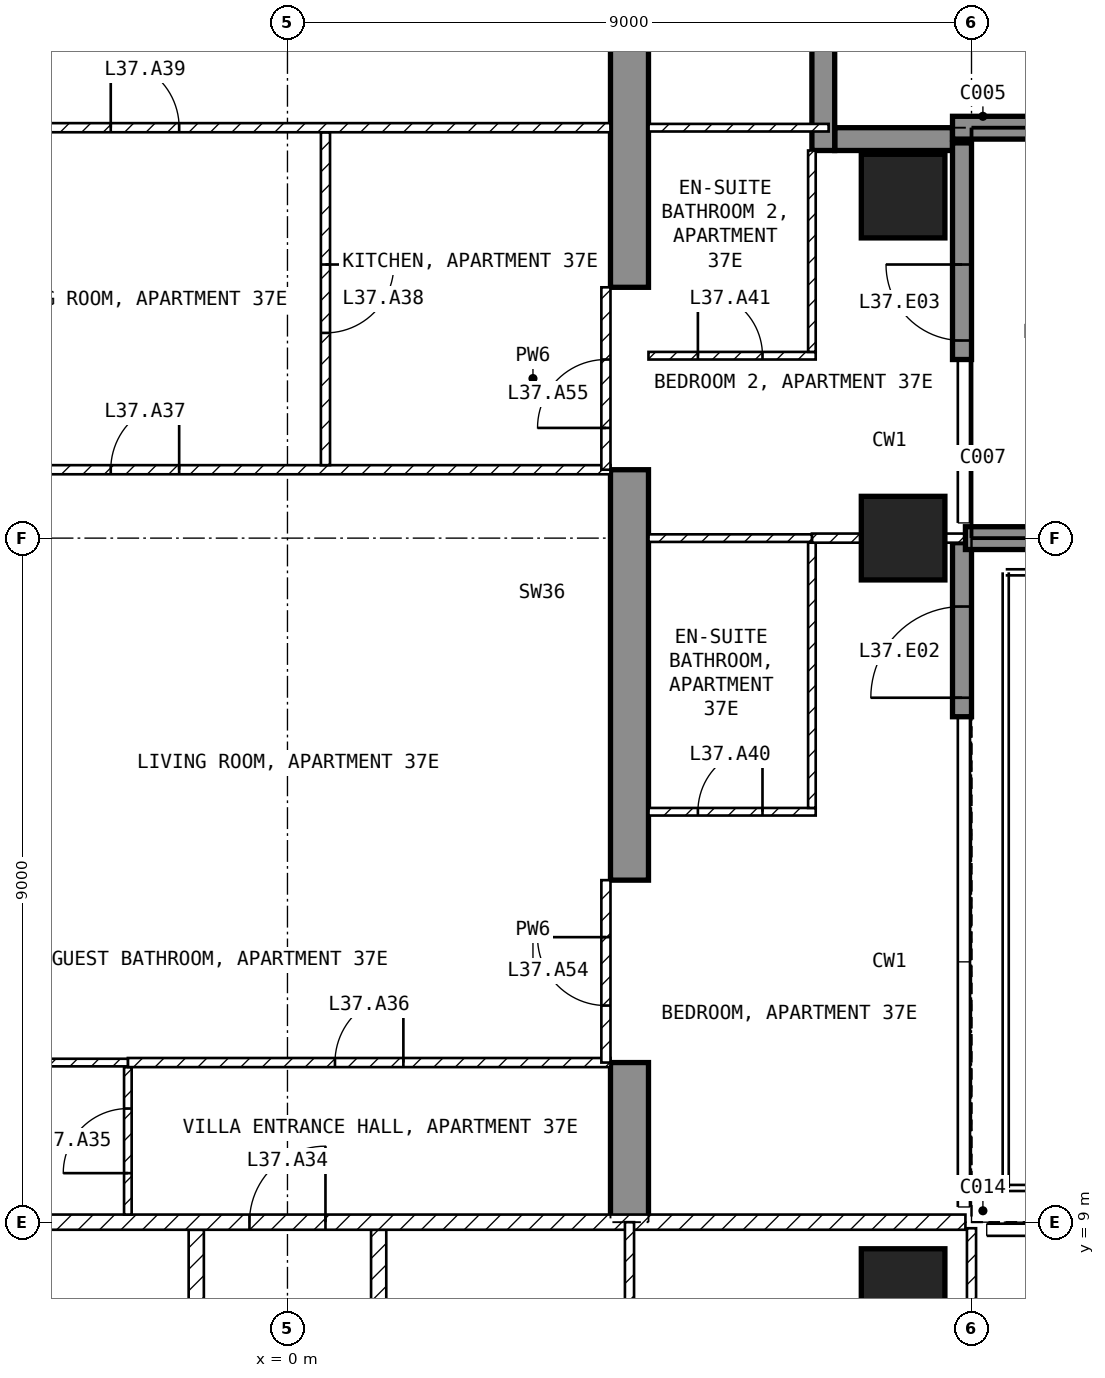
"""IFC4 building model, lengths in metres.
Left out: names, types, materials, properties, quantities, classifications, styles, units other than length and angle.
Written with IfcOpenShell. Run it as: python <this file> out.ifc"""

import sys

from ifc_helpers import new_model, si_unit, direction, frame, frame_2d, origin, origin_2d, place, context, subcontext, project, spatial, polyline, rectangle, outline, extrude, element, fill, save


model = new_model("IFC4")
c1 = context("Model", 3, precision=1e-05, world=origin(), true_north=direction((0.0, 1.0)))
c2 = subcontext(c1, "Body", "Model", "MODEL_VIEW")
j1 = project(units=[si_unit("LENGTHUNIT", "METRE"), si_unit("PLANEANGLEUNIT", "RADIAN")], contexts=[c1])
p1 = place(None, origin())
s1 = spatial("IfcSite", under=j1, at=p1, CompositionType="ELEMENT")
p2 = place(p1, origin())
s2 = spatial("IfcBuilding", under=s1, at=p2, CompositionType="ELEMENT")
p3 = place(p2, frame((0.0, 0.0, 151.4)))
s3 = spatial("IfcBuildingStorey", under=s2, at=p3, CompositionType="ELEMENT", Elevation=151.4)
for number, where, z_axis, x_axis in (
    (1, (8.1, 8.1, -0.25), (0.0, 0.0, 1.0), (1.0, 0.0, 0.0)),
    (2, (8.1, 18.0, -0.25), (0.0, 0.0, 1.0), (1.0, 0.0, 0.0)),
    (3, (8.1, 22.5, -0.25), (0.0, 0.0, 1.0), (1.0, 0.0, 0.0)),
):
    element("IfcColumn", number, at=place(p3, frame(where, z_axis=z_axis, x_axis=x_axis)), inside=s3, PredefinedType="COLUMN", context=c2, shape_type="SweptSolid", body=[
        extrude(rectangle(XDim=1.1, YDim=1.1, at=origin_2d()), origin(), (0.0, 0.0, 1.0), 3.45),
    ])
p4 = place(p3, frame((4.25, 9.0, -0.25), z_axis=(1.0, 0.0, 0.0), x_axis=(0.0, 1.0, 0.0)))
e4 = element("IfcWall", 4, at=p4, inside=s3, PredefinedType="SHEAR", context=c2, shape_type="SweptSolid", body=[
    extrude(outline(polyline([(0.0, 0.0), (2.1, 0.0), (2.1, 2.65), (4.5, 2.65), (4.5, 0.0), (9.9, 0.0), (9.9, 2.65), (12.3, 2.65), (12.3, 0.0), (16.55, 0.0), (16.55, 3.45), (0.0, 3.45), (0.0, 0.0)])), origin(), (0.0, 0.0, 1.0), 0.5),
])
p5 = place(p3, frame((8.875, 15.65, 0.0), z_axis=(0.0, 0.0, 1.0), x_axis=(0.0, 1.0, 0.0)))
e5 = element("IfcWall", 5, at=p5, inside=s3, PredefinedType="SOLIDWALL", context=c2, shape_type="SweptSolid", body=[
    extrude(rectangle(XDim=2.29, YDim=0.25, at=frame_2d((1.145, 0.0))), origin(), (0.0, 0.0, 1.0), 3.2),
])
p6 = place(p5, frame((0.25, 0.0, 0.0)))
e6 = element("IfcOpeningElement", 6, at=p6, cuts=e5, PredefinedType="OPENING", context=c2, shape_type="SweptSolid", body=[
    extrude(rectangle(XDim=1.2, YDim=2.4, at=frame_2d((0.6, 1.2))), frame((0.0, 0.135, 0.0), z_axis=(0.0, -1.0, 0.0), x_axis=(1.0, 0.0, 0.0)), (0.0, 0.0, 1.0), 0.27),
])
p7 = place(p3, frame((8.875, 20.35, 0.0), z_axis=(0.0, 0.0, 1.0), x_axis=(0.0, 1.0, 0.0)))
e7 = element("IfcWall", 7, at=p7, inside=s3, PredefinedType="SOLIDWALL", context=c2, shape_type="SweptSolid", body=[
    extrude(rectangle(XDim=2.85, YDim=0.25, at=frame_2d((1.425, 0.0))), origin(), (0.0, 0.0, 1.0), 3.2),
])
p8 = place(p7, frame((0.25, 0.0, 0.0)))
e8 = element("IfcOpeningElement", 8, at=p8, cuts=e7, PredefinedType="OPENING", context=c2, shape_type="SweptSolid", body=[
    extrude(rectangle(XDim=1.0, YDim=2.4, at=frame_2d((0.5, 1.2))), frame((0.0, 0.135, 0.0), z_axis=(0.0, -1.0, 0.0), x_axis=(1.0, 0.0, 0.0)), (0.0, 0.0, 1.0), 0.27),
])
p9 = place(p3, frame((8.75, 23.25, 0.0), z_axis=(0.0, 0.0, 1.0), x_axis=(-1.0, 0.0, 0.0)))
e9 = element("IfcWall", 9, at=p9, inside=s3, PredefinedType="SOLIDWALL", context=c2, shape_type="SweptSolid", body=[
    extrude(rectangle(XDim=1.55, YDim=0.3, at=frame_2d((0.775, 0.0))), origin(), (0.0, 0.0, 1.0), 3.2),
])
p10 = place(p3, frame((7.05, 23.1, 0.0), z_axis=(0.0, 0.0, 1.0), x_axis=(0.0, 1.0, 0.0)))
e10 = element("IfcWall", 10, at=p10, inside=s3, PredefinedType="SOLIDWALL", context=c2, shape_type="SweptSolid", body=[
    extrude(rectangle(XDim=1.8, YDim=0.3, at=frame_2d((0.9, 0.0))), origin(), (0.0, 0.0, 1.0), 3.2),
])
p11 = place(p3, frame((8.92, 18.0, 0.0), z_axis=(0.0, 0.0, 1.0), x_axis=(1.0, 0.0, 0.0)))
e11 = element("IfcWall", 11, at=p11, inside=s3, PredefinedType="SOLIDWALL", context=c2, shape_type="SweptSolid", body=[
    extrude(rectangle(XDim=2.82, YDim=0.3, at=frame_2d((1.41, 0.0))), origin(), (0.0, 0.0, 1.0), 3.2),
])
p12 = place(p3, frame((8.75, 23.4, 0.0), z_axis=(0.0, 0.0, 1.0), x_axis=(1.0, 0.0, 0.0)))
e12 = element("IfcWall", 12, at=p12, inside=s3, PredefinedType="SOLIDWALL", context=c2, shape_type="SweptSolid", body=[
    extrude(rectangle(XDim=2.95, YDim=0.3, at=frame_2d((1.475, 0.0))), origin(), (0.0, 0.0, 1.0), 3.2),
])
for number, where, z_axis, x_axis in (
    (13, (1.2, 8.9, 0.0), (0.0, 0.0, 1.0), (0.0, -1.0, 0.0)),
    (14, (-1.2, 4.6, 0.0), (0.0, 0.0, 1.0), (0.0, 1.0, 0.0)),
):
    element("IfcWall", number, at=place(p3, frame(where, z_axis=z_axis, x_axis=x_axis)), inside=s3, PredefinedType="PARTITIONING", context=c2, shape_type="SweptSolid", body=[
        extrude(rectangle(XDim=4.3, YDim=0.2, at=frame_2d((2.15, 0.0))), origin(), (0.0, 0.0, 1.0), 3.2),
    ])
p13 = place(p3, frame((-8.92, 9.0, 0.0), z_axis=(0.0, 0.0, 1.0), x_axis=(1.0, 0.0, 0.0)))
e15 = element("IfcWall", 15, at=p13, inside=s3, PredefinedType="PARTITIONING", context=c2, shape_type="SweptSolid", body=[
    extrude(rectangle(XDim=17.84, YDim=0.2, at=frame_2d((8.92, 0.0))), origin(), (0.0, 0.0, 1.0), 3.2),
])
p14 = place(p13, frame((8.42, 0.0, 0.0)))
e16 = element("IfcOpeningElement", 16, at=p14, cuts=e15, PredefinedType="OPENING", context=c2, shape_type="SweptSolid", body=[
    extrude(rectangle(XDim=1.0, YDim=2.1, at=frame_2d((0.5, 1.05))), frame((0.0, 0.11, 0.0), z_axis=(0.0, -1.0, 0.0), x_axis=(1.0, 0.0, 0.0)), (0.0, 0.0, 1.0), 0.22),
])
p15 = place(p3, frame((9.0, 4.8, 0.0), z_axis=(0.0, 0.0, 1.0), x_axis=(0.0, 1.0, 0.0)))
e17 = element("IfcWall", 17, at=p15, inside=s3, PredefinedType="PARTITIONING", context=c2, shape_type="SweptSolid", body=[
    extrude(rectangle(XDim=4.12, YDim=0.12, at=frame_2d((2.06, 0.0))), origin(), (0.0, 0.0, 1.0), 3.2),
])
p16 = place(p15, frame((0.7, 0.0, 0.0)))
e18 = element("IfcOpeningElement", 18, at=p16, cuts=e17, PredefinedType="OPENING", context=c2, shape_type="SweptSolid", body=[
    extrude(rectangle(XDim=0.9, YDim=2.1, at=frame_2d((0.45, 1.05))), frame((0.0, 0.07, 0.0), z_axis=(0.0, -1.0, 0.0), x_axis=(1.0, 0.0, 0.0)), (0.0, 0.0, 1.0), 0.14),
])
p17 = place(p3, frame((4.5, 4.5, 0.0), z_axis=(0.0, 0.0, 1.0), x_axis=(0.0, 1.0, 0.0)))
e19 = element("IfcWall", 19, at=p17, inside=s3, PredefinedType="PARTITIONING", context=c2, shape_type="SweptSolid", body=[
    extrude(rectangle(XDim=4.5, YDim=0.12, at=frame_2d((2.25, 0.0))), origin(), (0.0, 0.0, 1.0), 3.2),
])
p18 = place(p17, frame((1.8, 0.0, 0.0)))
e20 = element("IfcOpeningElement", 20, at=p18, cuts=e19, PredefinedType="OPENING", context=c2, shape_type="SweptSolid", body=[
    extrude(rectangle(XDim=0.9, YDim=2.1, at=frame_2d((0.45, 1.05))), frame((0.0, 0.07, 0.0), z_axis=(0.0, -1.0, 0.0), x_axis=(1.0, 0.0, 0.0)), (0.0, 0.0, 1.0), 0.14),
])
p19 = place(p3, frame((-2.1, 9.1, 0.0), z_axis=(0.0, 0.0, 1.0), x_axis=(0.0, 1.0, 0.0)))
e21 = element("IfcWall", 21, at=p19, inside=s3, PredefinedType="PARTITIONING", context=c2, shape_type="SweptSolid", body=[
    extrude(rectangle(XDim=1.94, YDim=0.1, at=frame_2d((0.97, 0.0))), origin(), (0.0, 0.0, 1.0), 3.2),
])
p20 = place(p19, frame((0.545, 0.0, 0.0)))
e22 = element("IfcOpeningElement", 22, at=p20, cuts=e21, PredefinedType="OPENING", context=c2, shape_type="SweptSolid", body=[
    extrude(rectangle(XDim=0.85, YDim=2.1, at=frame_2d((0.425, 1.05))), frame((0.0, 0.06, 0.0), z_axis=(0.0, -1.0, 0.0), x_axis=(1.0, 0.0, 0.0)), (0.0, 0.0, 1.0), 0.12),
])
p21 = place(p3, frame((-2.1, 11.1, 0.0), z_axis=(0.0, 0.0, 1.0), x_axis=(1.0, 0.0, 0.0)))
e23 = element("IfcWall", 23, at=p21, inside=s3, PredefinedType="PARTITIONING", context=c2, shape_type="SweptSolid", body=[
    extrude(rectangle(XDim=6.35, YDim=0.12, at=frame_2d((3.175, 0.0))), origin(), (0.0, 0.0, 1.0), 3.2),
])
p22 = place(p21, frame((2.725, 0.0, 0.0)))
e24 = element("IfcOpeningElement", 24, at=p22, cuts=e23, PredefinedType="OPENING", context=c2, shape_type="SweptSolid", body=[
    extrude(rectangle(XDim=0.9, YDim=2.1, at=frame_2d((0.45, 1.05))), frame((0.0, 0.07, 0.0), z_axis=(0.0, -1.0, 0.0), x_axis=(1.0, 0.0, 0.0)), (0.0, 0.0, 1.0), 0.14),
])
p23 = place(p3, frame((-4.25, 11.1, 0.0), z_axis=(0.0, 0.0, 1.0), x_axis=(1.0, 0.0, 0.0)))
e25 = element("IfcWall", 25, at=p23, inside=s3, PredefinedType="PARTITIONING", context=c2, shape_type="SweptSolid", body=[
    extrude(rectangle(XDim=2.15, YDim=0.1, at=frame_2d((1.075, 0.0))), origin(), (0.0, 0.0, 1.0), 3.2),
])
p24 = place(p3, frame((-4.25, 18.9, 0.0), z_axis=(0.0, 0.0, 1.0), x_axis=(1.0, 0.0, 0.0)))
e26 = element("IfcWall", 26, at=p24, inside=s3, PredefinedType="PARTITIONING", context=c2, shape_type="SweptSolid", body=[
    extrude(rectangle(XDim=8.5, YDim=0.12, at=frame_2d((4.25, 0.0))), origin(), (0.0, 0.0, 1.0), 3.2),
])
p25 = place(p24, frame((1.925, 0.0, 0.0)))
e27 = element("IfcOpeningElement", 27, at=p25, cuts=e26, PredefinedType="OPENING", context=c2, shape_type="SweptSolid", body=[
    extrude(rectangle(XDim=0.9, YDim=2.1, at=frame_2d((0.45, 1.05))), frame((0.0, 0.07, 0.0), z_axis=(0.0, -1.0, 0.0), x_axis=(1.0, 0.0, 0.0)), (0.0, 0.0, 1.0), 0.14),
])
p26 = place(p3, frame((0.5, 23.34, 0.0), z_axis=(0.0, 0.0, 1.0), x_axis=(0.0, -1.0, 0.0)))
e28 = element("IfcWall", 28, at=p26, inside=s3, PredefinedType="PARTITIONING", context=c2, shape_type="SweptSolid", body=[
    extrude(rectangle(XDim=4.38, YDim=0.12, at=frame_2d((2.19, 0.0))), origin(), (0.0, 0.0, 1.0), 3.2),
])
p27 = place(p26, frame((1.74, 0.0, 0.0)))
e29 = element("IfcOpeningElement", 29, at=p27, cuts=e28, PredefinedType="OPENING", context=c2, shape_type="SweptSolid", body=[
    extrude(rectangle(XDim=0.9, YDim=2.1, at=frame_2d((0.45, 1.05))), frame((0.0, 0.07, 0.0), z_axis=(0.0, -1.0, 0.0), x_axis=(1.0, 0.0, 0.0)), (0.0, 0.0, 1.0), 0.14),
])
p28 = place(p3, frame((-4.25, 23.4, 0.0), z_axis=(0.0, 0.0, 1.0), x_axis=(1.0, 0.0, 0.0)))
e30 = element("IfcWall", 30, at=p28, inside=s3, PredefinedType="PARTITIONING", context=c2, shape_type="SweptSolid", body=[
    extrude(rectangle(XDim=8.5, YDim=0.12, at=frame_2d((4.25, 0.0))), origin(), (0.0, 0.0, 1.0), 3.2),
])
p29 = place(p28, frame((1.925, 0.0, 0.0)))
e31 = element("IfcOpeningElement", 31, at=p29, cuts=e30, PredefinedType="OPENING", context=c2, shape_type="SweptSolid", body=[
    extrude(rectangle(XDim=0.9, YDim=2.1, at=frame_2d((0.45, 1.05))), frame((0.0, 0.07, 0.0), z_axis=(0.0, -1.0, 0.0), x_axis=(1.0, 0.0, 0.0)), (0.0, 0.0, 1.0), 0.14),
])
p30 = place(p3, frame((4.75, 14.4, 0.0), z_axis=(0.0, 0.0, 1.0), x_axis=(1.0, 0.0, 0.0)))
e32 = element("IfcWall", 32, at=p30, inside=s3, PredefinedType="PARTITIONING", context=c2, shape_type="SweptSolid", body=[
    extrude(rectangle(XDim=2.2, YDim=0.1, at=frame_2d((1.1, 0.0))), origin(), (0.0, 0.0, 1.0), 3.2),
])
p31 = place(p30, frame((0.65, 0.0, 0.0)))
e33 = element("IfcOpeningElement", 33, at=p31, cuts=e32, PredefinedType="OPENING", context=c2, shape_type="SweptSolid", body=[
    extrude(rectangle(XDim=0.85, YDim=2.1, at=frame_2d((0.425, 1.05))), frame((0.0, 0.06, 0.0), z_axis=(0.0, -1.0, 0.0), x_axis=(1.0, 0.0, 0.0)), (0.0, 0.0, 1.0), 0.12),
])
p32 = place(p3, frame((6.9, 14.45, 0.0), z_axis=(0.0, 0.0, 1.0), x_axis=(0.0, 1.0, 0.0)))
e34 = element("IfcWall", 34, at=p32, inside=s3, PredefinedType="PARTITIONING", context=c2, shape_type="SweptSolid", body=[
    extrude(rectangle(XDim=3.49, YDim=0.1, at=frame_2d((1.745, 0.0))), origin(), (0.0, 0.0, 1.0), 3.2),
])
p33 = place(p3, frame((6.9, 18.0, 0.0), z_axis=(0.0, 0.0, 1.0), x_axis=(1.0, 0.0, 0.0)))
e35 = element("IfcWall", 35, at=p33, inside=s3, PredefinedType="PARTITIONING", context=c2, shape_type="SweptSolid", body=[
    extrude(rectangle(XDim=2.02, YDim=0.12, at=frame_2d((1.01, 0.0))), origin(), (0.0, 0.0, 1.0), 2.364),
])
p34 = place(p3, frame((4.75, 18.0, 0.0), z_axis=(0.0, 0.0, 1.0), x_axis=(1.0, 0.0, 0.0)))
e36 = element("IfcWall", 36, at=p34, inside=s3, PredefinedType="PARTITIONING", context=c2, shape_type="SweptSolid", body=[
    extrude(rectangle(XDim=2.15, YDim=0.1, at=frame_2d((1.075, 0.0))), origin(), (0.0, 0.0, 1.0), 2.364),
])
p35 = place(p3, frame((4.75, 20.4, 0.0), z_axis=(0.0, 0.0, 1.0), x_axis=(1.0, 0.0, 0.0)))
e37 = element("IfcWall", 37, at=p35, inside=s3, PredefinedType="PARTITIONING", context=c2, shape_type="SweptSolid", body=[
    extrude(rectangle(XDim=2.2, YDim=0.1, at=frame_2d((1.1, 0.0))), origin(), (0.0, 0.0, 1.0), 3.2),
])
p36 = place(p35, frame((0.65, 0.0, 0.0)))
e38 = element("IfcOpeningElement", 38, at=p36, cuts=e37, PredefinedType="OPENING", context=c2, shape_type="SweptSolid", body=[
    extrude(rectangle(XDim=0.85, YDim=2.1, at=frame_2d((0.425, 1.05))), frame((0.0, 0.06, 0.0), z_axis=(0.0, -1.0, 0.0), x_axis=(1.0, 0.0, 0.0)), (0.0, 0.0, 1.0), 0.12),
])
p37 = place(p3, frame((6.9, 20.45, 0.0), z_axis=(0.0, 0.0, 1.0), x_axis=(0.0, 1.0, 0.0)))
e39 = element("IfcWall", 39, at=p37, inside=s3, PredefinedType="PARTITIONING", context=c2, shape_type="SweptSolid", body=[
    extrude(rectangle(XDim=2.65, YDim=0.1, at=frame_2d((1.325, 0.0))), origin(), (0.0, 0.0, 1.0), 3.2),
])
p38 = place(p3, frame((4.75, 23.4, 0.0), z_axis=(0.0, 0.0, 1.0), x_axis=(1.0, 0.0, 0.0)))
e40 = element("IfcWall", 40, at=p38, inside=s3, PredefinedType="PARTITIONING", context=c2, shape_type="SweptSolid", body=[
    extrude(rectangle(XDim=2.37, YDim=0.1, at=frame_2d((1.185, 0.0))), origin(), (0.0, 0.0, 1.0), 3.2),
])
p39 = place(p3, frame((4.19, 11.1, 0.0), z_axis=(0.0, 0.0, 1.0), x_axis=(0.0, 1.0, 0.0)))
e41 = element("IfcWall", 41, at=p39, inside=s3, PredefinedType="PARTITIONING", context=c2, shape_type="SweptSolid", body=[
    extrude(rectangle(XDim=2.4, YDim=0.12, at=frame_2d((1.2, 0.0))), origin(), (0.0, 0.0, 1.0), 2.4),
])
p40 = place(p39, frame((0.75, 0.0, 0.0)))
e42 = element("IfcOpeningElement", 42, at=p40, cuts=e41, PredefinedType="OPENING", context=c2, shape_type="SweptSolid", body=[
    extrude(rectangle(XDim=0.9, YDim=2.1, at=frame_2d((0.45, 1.05))), frame((0.0, 0.07, 0.0), z_axis=(0.0, -1.0, 0.0), x_axis=(1.0, 0.0, 0.0)), (0.0, 0.0, 1.0), 0.14),
])
p41 = place(p3, frame((4.19, 18.9, 0.0), z_axis=(0.0, 0.0, 1.0), x_axis=(0.0, 1.0, 0.0)))
e43 = element("IfcWall", 43, at=p41, inside=s3, PredefinedType="PARTITIONING", context=c2, shape_type="SweptSolid", body=[
    extrude(rectangle(XDim=2.4, YDim=0.12, at=frame_2d((1.2, 0.0))), origin(), (0.0, 0.0, 1.0), 2.4),
])
p42 = place(p41, frame((0.55, 0.0, 0.0)))
e44 = element("IfcOpeningElement", 44, at=p42, cuts=e43, PredefinedType="OPENING", context=c2, shape_type="SweptSolid", body=[
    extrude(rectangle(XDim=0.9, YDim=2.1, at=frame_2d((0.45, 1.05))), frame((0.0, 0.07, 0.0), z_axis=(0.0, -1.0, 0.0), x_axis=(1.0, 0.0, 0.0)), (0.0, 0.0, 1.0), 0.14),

Exercise objective :: Lines with the word "project": copy each one from the data above.

Written solution ::
from ifc_helpers import new_model, si_unit, direction, frame, frame_2d, origin, origin_2d, place, context, subcontext, project, spatial, polyline, rectangle, outline, extrude, element, fill, save
j1 = project(units=[si_unit("LENGTHUNIT", "METRE"), si_unit("PLANEANGLEUNIT", "RADIAN")], contexts=[c1])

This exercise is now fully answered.